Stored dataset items
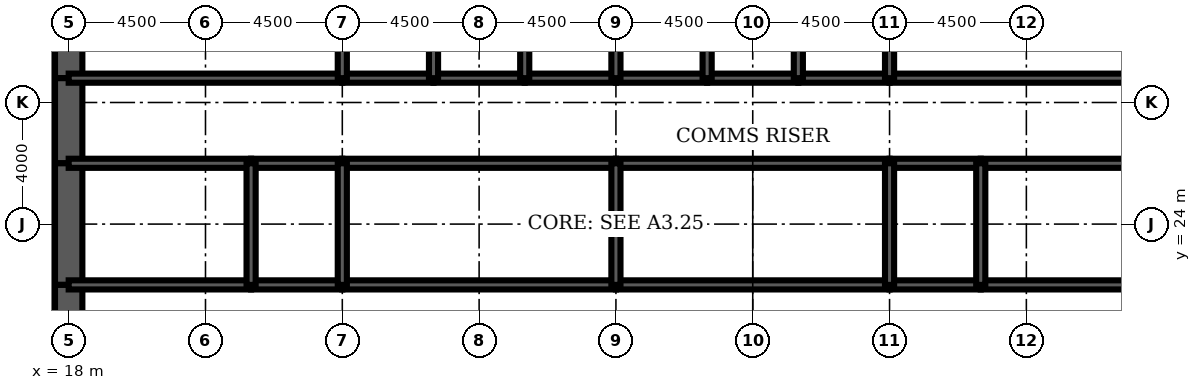
"""IFC4 building model, lengths in metres.
Left out: names, types, materials, properties, quantities, classifications, styles, units other than length and angle.
Written with IfcOpenShell. Run it as: python <this file> out.ifc"""

import sys

from ifc_helpers import new_model, si_unit, direction, frame, frame_2d, origin, place, context, subcontext, project, spatial, rectangle, extrude, element, fill, save


model = new_model("IFC4")
c1 = context("Model", 3, precision=1e-05, world=origin(), true_north=direction((0.0, 1.0)))
c2 = subcontext(c1, "Body", "Model", "MODEL_VIEW")
j1 = project(units=[si_unit("LENGTHUNIT", "METRE"), si_unit("PLANEANGLEUNIT", "RADIAN")], contexts=[c1])
p1 = place(None, origin())
s1 = spatial("IfcSite", under=j1, at=p1, CompositionType="ELEMENT")
p2 = place(p1, origin())
s2 = spatial("IfcBuilding", under=s1, at=p2, CompositionType="ELEMENT")
p3 = place(p2, frame((0.0, 0.0, 108.9)))
s3 = spatial("IfcBuildingStorey", under=s2, at=p3, CompositionType="ELEMENT", Elevation=108.9)
p4 = place(p3, frame((18.0, 32.0, 0.0), z_axis=(0.0, 0.0, 1.0), x_axis=(0.0, -1.0, 0.0)))
e1 = element("IfcWall", 1, at=p4, inside=s3, PredefinedType="SHEAR", context=c2, shape_type="SweptSolid", body=[
    extrude(rectangle(XDim=3.2, YDim=0.9, at=frame_2d((1.6, 0.0))), origin(), (0.0, 0.0, 1.0), 4.2),
])
p5 = place(p3, frame((18.0, 28.8, 0.0), z_axis=(0.0, 0.0, 1.0), x_axis=(0.0, -1.0, 0.0)))
e2 = element("IfcWall", 2, at=p5, inside=s3, PredefinedType="SHEAR", context=c2, shape_type="SweptSolid", body=[
    extrude(rectangle(XDim=2.8, YDim=0.9, at=frame_2d((1.4, 0.0))), origin(), (0.0, 0.0, 1.0), 4.2),
])
p6 = place(p5, frame((0.4, 0.0, 0.0)))
e3 = element("IfcOpeningElement", 3, at=p6, cuts=e2, PredefinedType="OPENING", context=c2, shape_type="SweptSolid", body=[
    extrude(rectangle(XDim=1.8, YDim=2.1, at=frame_2d((0.9, 1.05))), frame((0.0, 0.46, 0.0), z_axis=(0.0, -1.0, 0.0), x_axis=(1.0, 0.0, 0.0)), (0.0, 0.0, 1.0), 0.92),
])
p7 = place(p3, frame((18.0, 26.0, 0.0), z_axis=(0.0, 0.0, 1.0), x_axis=(0.0, -1.0, 0.0)))
e4 = element("IfcWall", 4, at=p7, inside=s3, PredefinedType="SHEAR", context=c2, shape_type="SweptSolid", body=[
    extrude(rectangle(XDim=4.0, YDim=0.9, at=frame_2d((2.0, 0.0))), origin(), (0.0, 0.0, 1.0), 4.2),
])
p8 = place(p3, frame((18.0, 22.0, 0.0), z_axis=(0.0, 0.0, 1.0), x_axis=(0.0, -1.0, 0.0)))
e5 = element("IfcWall", 5, at=p8, inside=s3, PredefinedType="SHEAR", context=c2, shape_type="SweptSolid", body=[
    extrude(rectangle(XDim=2.8, YDim=0.9, at=frame_2d((1.4, 0.0))), origin(), (0.0, 0.0, 1.0), 4.2),
])
p9 = place(p8, frame((0.6, 0.0, 0.0)))
e6 = element("IfcOpeningElement", 6, at=p9, cuts=e5, PredefinedType="OPENING", context=c2, shape_type="SweptSolid", body=[
    extrude(rectangle(XDim=1.8, YDim=2.1, at=frame_2d((0.9, 1.05))), frame((0.0, 0.46, 0.0), z_axis=(0.0, -1.0, 0.0), x_axis=(1.0, 0.0, 0.0)), (0.0, 0.0, 1.0), 0.92),
])
p10 = place(p3, frame((18.0, 28.8, 0.0), z_axis=(0.0, 0.0, 1.0), x_axis=(1.0, 0.0, 0.0)))
e7 = element("IfcWall", 7, at=p10, inside=s3, PredefinedType="SOLIDWALL", context=c2, shape_type="SweptSolid", body=[
    extrude(rectangle(XDim=9.0, YDim=0.3, at=frame_2d((4.5, 0.0))), origin(), (0.0, 0.0, 1.0), 4.2),
])
p11 = place(p10, frame((0.65, 0.0, 0.0)))
e8 = element("IfcOpeningElement", 8, at=p11, cuts=e7, PredefinedType="OPENING", context=c2, shape_type="SweptSolid", body=[
    extrude(rectangle(XDim=1.0, YDim=2.1, at=frame_2d((0.5, 1.05))), frame((0.0, 0.16, 0.0), z_axis=(0.0, -1.0, 0.0), x_axis=(1.0, 0.0, 0.0)), (0.0, 0.0, 1.0), 0.32),
])
p12 = place(p3, frame((27.0, 28.8, 0.0), z_axis=(0.0, 0.0, 1.0), x_axis=(1.0, 0.0, 0.0)))
e9 = element("IfcWall", 9, at=p12, inside=s3, PredefinedType="SOLIDWALL", context=c2, shape_type="SweptSolid", body=[
    extrude(rectangle(XDim=3.0, YDim=0.3, at=frame_2d((1.5, 0.0))), origin(), (0.0, 0.0, 1.0), 4.2),
])
p13 = place(p12, frame((0.95, 0.0, 0.0)))
e10 = element("IfcOpeningElement", 10, at=p13, cuts=e9, PredefinedType="OPENING", context=c2, shape_type="SweptSolid", body=[
    extrude(rectangle(XDim=1.1, YDim=2.2, at=frame_2d((0.55, 1.1))), frame((0.0, 0.16, 0.0), z_axis=(0.0, -1.0, 0.0), x_axis=(1.0, 0.0, 0.0)), (0.0, 0.0, 1.0), 0.32),
])
p14 = place(p3, frame((30.0, 28.8, 0.0), z_axis=(0.0, 0.0, 1.0), x_axis=(1.0, 0.0, 0.0)))
e11 = element("IfcWall", 11, at=p14, inside=s3, PredefinedType="SOLIDWALL", context=c2, shape_type="SweptSolid", body=[
    extrude(rectangle(XDim=3.0, YDim=0.3, at=frame_2d((1.5, 0.0))), origin(), (0.0, 0.0, 1.0), 4.2),
])
p15 = place(p14, frame((0.95, 0.0, 0.0)))
e12 = element("IfcOpeningElement", 12, at=p15, cuts=e11, PredefinedType="OPENING", context=c2, shape_type="SweptSolid", body=[
    extrude(rectangle(XDim=1.1, YDim=2.2, at=frame_2d((0.55, 1.1))), frame((0.0, 0.16, 0.0), z_axis=(0.0, -1.0, 0.0), x_axis=(1.0, 0.0, 0.0)), (0.0, 0.0, 1.0), 0.32),
])
p16 = place(p3, frame((33.0, 28.8, 0.0), z_axis=(0.0, 0.0, 1.0), x_axis=(1.0, 0.0, 0.0)))
e13 = element("IfcWall", 13, at=p16, inside=s3, PredefinedType="SOLIDWALL", context=c2, shape_type="SweptSolid", body=[
    extrude(rectangle(XDim=3.0, YDim=0.3, at=frame_2d((1.5, 0.0))), origin(), (0.0, 0.0, 1.0), 4.2),
])
p17 = place(p16, frame((0.95, 0.0, 0.0)))
e14 = element("IfcOpeningElement", 14, at=p17, cuts=e13, PredefinedType="OPENING", context=c2, shape_type="SweptSolid", body=[
    extrude(rectangle(XDim=1.1, YDim=2.2, at=frame_2d((0.55, 1.1))), frame((0.0, 0.16, 0.0), z_axis=(0.0, -1.0, 0.0), x_axis=(1.0, 0.0, 0.0)), (0.0, 0.0, 1.0), 0.32),
])
for number, where, z_axis, x_axis in (
    (15, (36.0, 28.8, 0.0), (0.0, 0.0, 1.0), (1.0, 0.0, 0.0)),
    (16, (39.0, 28.8, 0.0), (0.0, 0.0, 1.0), (1.0, 0.0, 0.0)),
):
    element("IfcWall", number, at=place(p3, frame(where, z_axis=z_axis, x_axis=x_axis)), inside=s3, PredefinedType="SOLIDWALL", context=c2, shape_type="SweptSolid", body=[
        extrude(rectangle(XDim=3.0, YDim=0.3, at=frame_2d((1.5, 0.0))), origin(), (0.0, 0.0, 1.0), 4.2),
    ])
p18 = place(p3, frame((42.0, 28.8, 0.0), z_axis=(0.0, 0.0, 1.0), x_axis=(1.0, 0.0, 0.0)))
e17 = element("IfcWall", 17, at=p18, inside=s3, PredefinedType="SOLIDWALL", context=c2, shape_type="SweptSolid", body=[
    extrude(rectangle(XDim=3.0, YDim=0.3, at=frame_2d((1.5, 0.0))), origin(), (0.0, 0.0, 1.0), 4.2),
])
p19 = place(p18, frame((0.95, 0.0, 0.0)))
e18 = element("IfcOpeningElement", 18, at=p19, cuts=e17, PredefinedType="OPENING", context=c2, shape_type="SweptSolid", body=[
    extrude(rectangle(XDim=1.1, YDim=2.2, at=frame_2d((0.55, 1.1))), frame((0.0, 0.16, 0.0), z_axis=(0.0, -1.0, 0.0), x_axis=(1.0, 0.0, 0.0)), (0.0, 0.0, 1.0), 0.32),
])
p20 = place(p3, frame((45.0, 28.8, 0.0), z_axis=(0.0, 0.0, 1.0), x_axis=(1.0, 0.0, 0.0)))
e19 = element("IfcWall", 19, at=p20, inside=s3, PredefinedType="SOLIDWALL", context=c2, shape_type="SweptSolid", body=[
    extrude(rectangle(XDim=9.0, YDim=0.3, at=frame_2d((4.5, 0.0))), origin(), (0.0, 0.0, 1.0), 4.2),
])
p21 = place(p20, frame((7.35, 0.0, 0.0)))
e20 = element("IfcOpeningElement", 20, at=p21, cuts=e19, PredefinedType="OPENING", context=c2, shape_type="SweptSolid", body=[
    extrude(rectangle(XDim=1.0, YDim=2.1, at=frame_2d((0.5, 1.05))), frame((0.0, 0.16, 0.0), z_axis=(0.0, -1.0, 0.0), x_axis=(1.0, 0.0, 0.0)), (0.0, 0.0, 1.0), 0.32),
])
p22 = place(p3, frame((18.0, 22.0, 0.0), z_axis=(0.0, 0.0, 1.0), x_axis=(1.0, 0.0, 0.0)))
e21 = element("IfcWall", 21, at=p22, inside=s3, PredefinedType="SOLIDWALL", context=c2, shape_type="SweptSolid", body=[
    extrude(rectangle(XDim=6.0, YDim=0.3, at=frame_2d((3.0, 0.0))), origin(), (0.0, 0.0, 1.0), 4.2),
])
p23 = place(p22, frame((4.4, 0.0, 0.0)))
e22 = element("IfcOpeningElement", 22, at=p23, cuts=e21, PredefinedType="OPENING", context=c2, shape_type="SweptSolid", body=[
    extrude(rectangle(XDim=1.0, YDim=2.1, at=frame_2d((0.5, 1.05))), frame((0.0, 0.16, 0.0), z_axis=(0.0, -1.0, 0.0), x_axis=(1.0, 0.0, 0.0)), (0.0, 0.0, 1.0), 0.32),
])
p24 = place(p22, frame((0.85, 0.0, 0.0)))
e23 = element("IfcOpeningElement", 23, at=p24, cuts=e21, PredefinedType="OPENING", context=c2, shape_type="SweptSolid", body=[
    extrude(rectangle(XDim=1.0, YDim=2.1, at=frame_2d((0.5, 1.05))), frame((0.0, 0.16, 0.0), z_axis=(0.0, -1.0, 0.0), x_axis=(1.0, 0.0, 0.0)), (0.0, 0.0, 1.0), 0.32),
])
p25 = place(p3, frame((24.0, 22.0, 0.0), z_axis=(0.0, 0.0, 1.0), x_axis=(1.0, 0.0, 0.0)))
e24 = element("IfcWall", 24, at=p25, inside=s3, PredefinedType="SOLIDWALL", context=c2, shape_type="SweptSolid", body=[
    extrude(rectangle(XDim=3.0, YDim=0.3, at=frame_2d((1.5, 0.0))), origin(), (0.0, 0.0, 1.0), 4.2),
])
p26 = place(p25, frame((1.0, 0.0, 0.0)))
e25 = element("IfcOpeningElement", 25, at=p26, cuts=e24, PredefinedType="OPENING", context=c2, shape_type="SweptSolid", body=[
    extrude(rectangle(XDim=1.0, YDim=2.1, at=frame_2d((0.5, 1.05))), frame((0.0, 0.16, 0.0), z_axis=(0.0, -1.0, 0.0), x_axis=(1.0, 0.0, 0.0)), (0.0, 0.0, 1.0), 0.32),
])
p27 = place(p3, frame((27.0, 22.0, 0.0), z_axis=(0.0, 0.0, 1.0), x_axis=(1.0, 0.0, 0.0)))
e26 = element("IfcWall", 26, at=p27, inside=s3, PredefinedType="SOLIDWALL", context=c2, shape_type="SweptSolid", body=[
    extrude(rectangle(XDim=9.0, YDim=0.3, at=frame_2d((4.5, 0.0))), origin(), (0.0, 0.0, 1.0), 4.2),
])
p28 = place(p27, frame((4.0, 0.0, 0.0)))
e27 = element("IfcOpeningElement", 27, at=p28, cuts=e26, PredefinedType="OPENING", context=c2, shape_type="SweptSolid", body=[
    extrude(rectangle(XDim=1.0, YDim=2.1, at=frame_2d((0.5, 1.05))), frame((0.0, 0.16, 0.0), z_axis=(0.0, -1.0, 0.0), x_axis=(1.0, 0.0, 0.0)), (0.0, 0.0, 1.0), 0.32),
])
p29 = place(p3, frame((36.0, 22.0, 0.0), z_axis=(0.0, 0.0, 1.0), x_axis=(1.0, 0.0, 0.0)))
e28 = element("IfcWall", 28, at=p29, inside=s3, PredefinedType="SOLIDWALL", context=c2, shape_type="SweptSolid", body=[
    extrude(rectangle(XDim=9.0, YDim=0.3, at=frame_2d((4.5, 0.0))), origin(), (0.0, 0.0, 1.0), 4.2),
])
p30 = place(p29, frame((4.0, 0.0, 0.0)))
e29 = element("IfcOpeningElement", 29, at=p30, cuts=e28, PredefinedType="OPENING", context=c2, shape_type="SweptSolid", body=[
    extrude(rectangle(XDim=1.0, YDim=2.1, at=frame_2d((0.5, 1.05))), frame((0.0, 0.16, 0.0), z_axis=(0.0, -1.0, 0.0), x_axis=(1.0, 0.0, 0.0)), (0.0, 0.0, 1.0), 0.32),
])
p31 = place(p3, frame((45.0, 22.0, 0.0), z_axis=(0.0, 0.0, 1.0), x_axis=(1.0, 0.0, 0.0)))
e30 = element("IfcWall", 30, at=p31, inside=s3, PredefinedType="SOLIDWALL", context=c2, shape_type="SweptSolid", body=[
    extrude(rectangle(XDim=3.0, YDim=0.3, at=frame_2d((1.5, 0.0))), origin(), (0.0, 0.0, 1.0), 4.2),
])
p32 = place(p31, frame((1.0, 0.0, 0.0)))
e31 = element("IfcOpeningElement", 31, at=p32, cuts=e30, PredefinedType="OPENING", context=c2, shape_type="SweptSolid", body=[
    extrude(rectangle(XDim=1.0, YDim=2.1, at=frame_2d((0.5, 1.05))), frame((0.0, 0.16, 0.0), z_axis=(0.0, -1.0, 0.0), x_axis=(1.0, 0.0, 0.0)), (0.0, 0.0, 1.0), 0.32),
])
p33 = place(p3, frame((48.0, 22.0, 0.0), z_axis=(0.0, 0.0, 1.0), x_axis=(1.0, 0.0, 0.0)))
e32 = element("IfcWall", 32, at=p33, inside=s3, PredefinedType="SOLIDWALL", context=c2, shape_type="SweptSolid", body=[
    extrude(rectangle(XDim=6.0, YDim=0.3, at=frame_2d((3.0, 0.0))), origin(), (0.0, 0.0, 1.0), 4.2),
])
p34 = place(p33, frame((2.0, 0.0, 0.0)))
e33 = element("IfcOpeningElement", 33, at=p34, cuts=e32, PredefinedType="OPENING", context=c2, shape_type="SweptSolid", body=[
    extrude(rectangle(XDim=1.0, YDim=2.1, at=frame_2d((0.5, 1.05))), frame((0.0, 0.16, 0.0), z_axis=(0.0, -1.0, 0.0), x_axis=(1.0, 0.0, 0.0)), (0.0, 0.0, 1.0), 0.32),
])
p35 = place(p33, frame((4.15, 0.0, 0.0)))
e34 = element("IfcOpeningElement", 34, at=p35, cuts=e32, PredefinedType="OPENING", context=c2, shape_type="SweptSolid", body=[
    extrude(rectangle(XDim=1.0, YDim=2.1, at=frame_2d((0.5, 1.05))), frame((0.0, 0.16, 0.0), z_axis=(0.0, -1.0, 0.0), x_axis=(1.0, 0.0, 0.0)), (0.0, 0.0, 1.0), 0.32),
])
p36 = place(p3, frame((18.0, 26.0, 0.0), z_axis=(0.0, 0.0, 1.0), x_axis=(1.0, 0.0, 0.0)))
e35 = element("IfcWall", 35, at=p36, inside=s3, PredefinedType="SOLIDWALL", context=c2, shape_type="SweptSolid", body=[
    extrude(rectangle(XDim=6.0, YDim=0.3, at=frame_2d((3.0, 0.0))), origin(), (0.0, 0.0, 1.0), 4.2),
])
p37 = place(p3, frame((24.0, 26.0, 0.0), z_axis=(0.0, 0.0, 1.0), x_axis=(1.0, 0.0, 0.0)))
e36 = element("IfcWall", 36, at=p37, inside=s3, PredefinedType="SOLIDWALL", context=c2, shape_type="SweptSolid", body=[
    extrude(rectangle(XDim=3.0, YDim=0.3, at=frame_2d((1.5, 0.0))), origin(), (0.0, 0.0, 1.0), 4.2),
])
for number, where, z_axis, x_axis in (
    (37, (27.0, 26.0, 0.0), (0.0, 0.0, 1.0), (1.0, 0.0, 0.0)),
    (38, (36.0, 26.0, 0.0), (0.0, 0.0, 1.0), (1.0, 0.0, 0.0)),
):
    element("IfcWall", number, at=place(p3, frame(where, z_axis=z_axis, x_axis=x_axis)), inside=s3, PredefinedType="SOLIDWALL", context=c2, shape_type="SweptSolid", body=[
        extrude(rectangle(XDim=9.0, YDim=0.3, at=frame_2d((4.5, 0.0))), origin(), (0.0, 0.0, 1.0), 4.2),
    ])
p38 = place(p3, frame((45.0, 26.0, 0.0), z_axis=(0.0, 0.0, 1.0), x_axis=(1.0, 0.0, 0.0)))
e39 = element("IfcWall", 39, at=p38, inside=s3, PredefinedType="SOLIDWALL", context=c2, shape_type="SweptSolid", body=[
    extrude(rectangle(XDim=3.0, YDim=0.3, at=frame_2d((1.5, 0.0))), origin(), (0.0, 0.0, 1.0), 4.2),
])
p39 = place(p3, frame((48.0, 26.0, 0.0), z_axis=(0.0, 0.0, 1.0), x_axis=(1.0, 0.0, 0.0)))
e40 = element("IfcWall", 40, at=p39, inside=s3, PredefinedType="SOLIDWALL", context=c2, shape_type="SweptSolid", body=[
    extrude(rectangle(XDim=6.0, YDim=0.3, at=frame_2d((3.0, 0.0))), origin(), (0.0, 0.0, 1.0), 4.2),
])
for number, where, z_axis, x_axis in (
    (41, (27.0, 28.8, 0.0), (0.0, 0.0, 1.0), (0.0, 1.0, 0.0)),
    (42, (30.0, 28.8, 0.0), (0.0, 0.0, 1.0), (0.0, 1.0, 0.0)),
    (43, (33.0, 28.8, 0.0), (0.0, 0.0, 1.0), (0.0, 1.0, 0.0)),
    (44, (36.0, 28.8, 0.0), (0.0, 0.0, 1.0), (0.0, 1.0, 0.0)),
    (45, (39.0, 28.8, 0.0), (0.0, 0.0, 1.0), (0.0, 1.0, 0.0)),
    (46, (42.0, 28.8, 0.0), (0.0, 0.0, 1.0), (0.0, 1.0, 0.0)),
    (47, (45.0, 28.8, 0.0), (0.0, 0.0, 1.0), (0.0, 1.0, 0.0)),
):
    element("IfcWall", number, at=place(p3, frame(where, z_axis=z_axis, x_axis=x_axis)), inside=s3, PredefinedType="SOLIDWALL", context=c2, shape_type="SweptSolid", body=[
        extrude(rectangle(XDim=3.2, YDim=0.3, at=frame_2d((1.6, 0.0))), origin(), (0.0, 0.0, 1.0), 4.2),
    ])
for number, where, z_axis, x_axis in (
    (48, (24.0, 22.0, 0.0), (0.0, 0.0, 1.0), (0.0, 1.0, 0.0)),
    (49, (27.0, 22.0, 0.0), (0.0, 0.0, 1.0), (0.0, 1.0, 0.0)),
    (50, (36.0, 22.0, 0.0), (0.0, 0.0, 1.0), (0.0, 1.0, 0.0)),
    (51, (45.0, 22.0, 0.0), (0.0, 0.0, 1.0), (0.0, 1.0, 0.0)),
    (52, (48.0, 22.0, 0.0), (0.0, 0.0, 1.0), (0.0, 1.0, 0.0)),
):
    element("IfcWall", number, at=place(p3, frame(where, z_axis=z_axis, x_axis=x_axis)), inside=s3, PredefinedType="SOLIDWALL", context=c2, shape_type="SweptSolid", body=[
        extrude(rectangle(XDim=4.0, YDim=0.3, at=frame_2d((2.0, 0.0))), origin(), (0.0, 0.0, 1.0), 4.2),
    ])
for number, where, z_axis, x_axis in (
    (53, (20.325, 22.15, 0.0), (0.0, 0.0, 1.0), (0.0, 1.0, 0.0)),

- **What you will do**
Only lines with the word "under" are wanted, so copy each one from the records.

- **Task result**
s1 = spatial("IfcSite", under=j1, at=p1, CompositionType="ELEMENT")
s2 = spatial("IfcBuilding", under=s1, at=p2, CompositionType="ELEMENT")
s3 = spatial("IfcBuildingStorey", under=s2, at=p3, CompositionType="ELEMENT", Elevation=108.9)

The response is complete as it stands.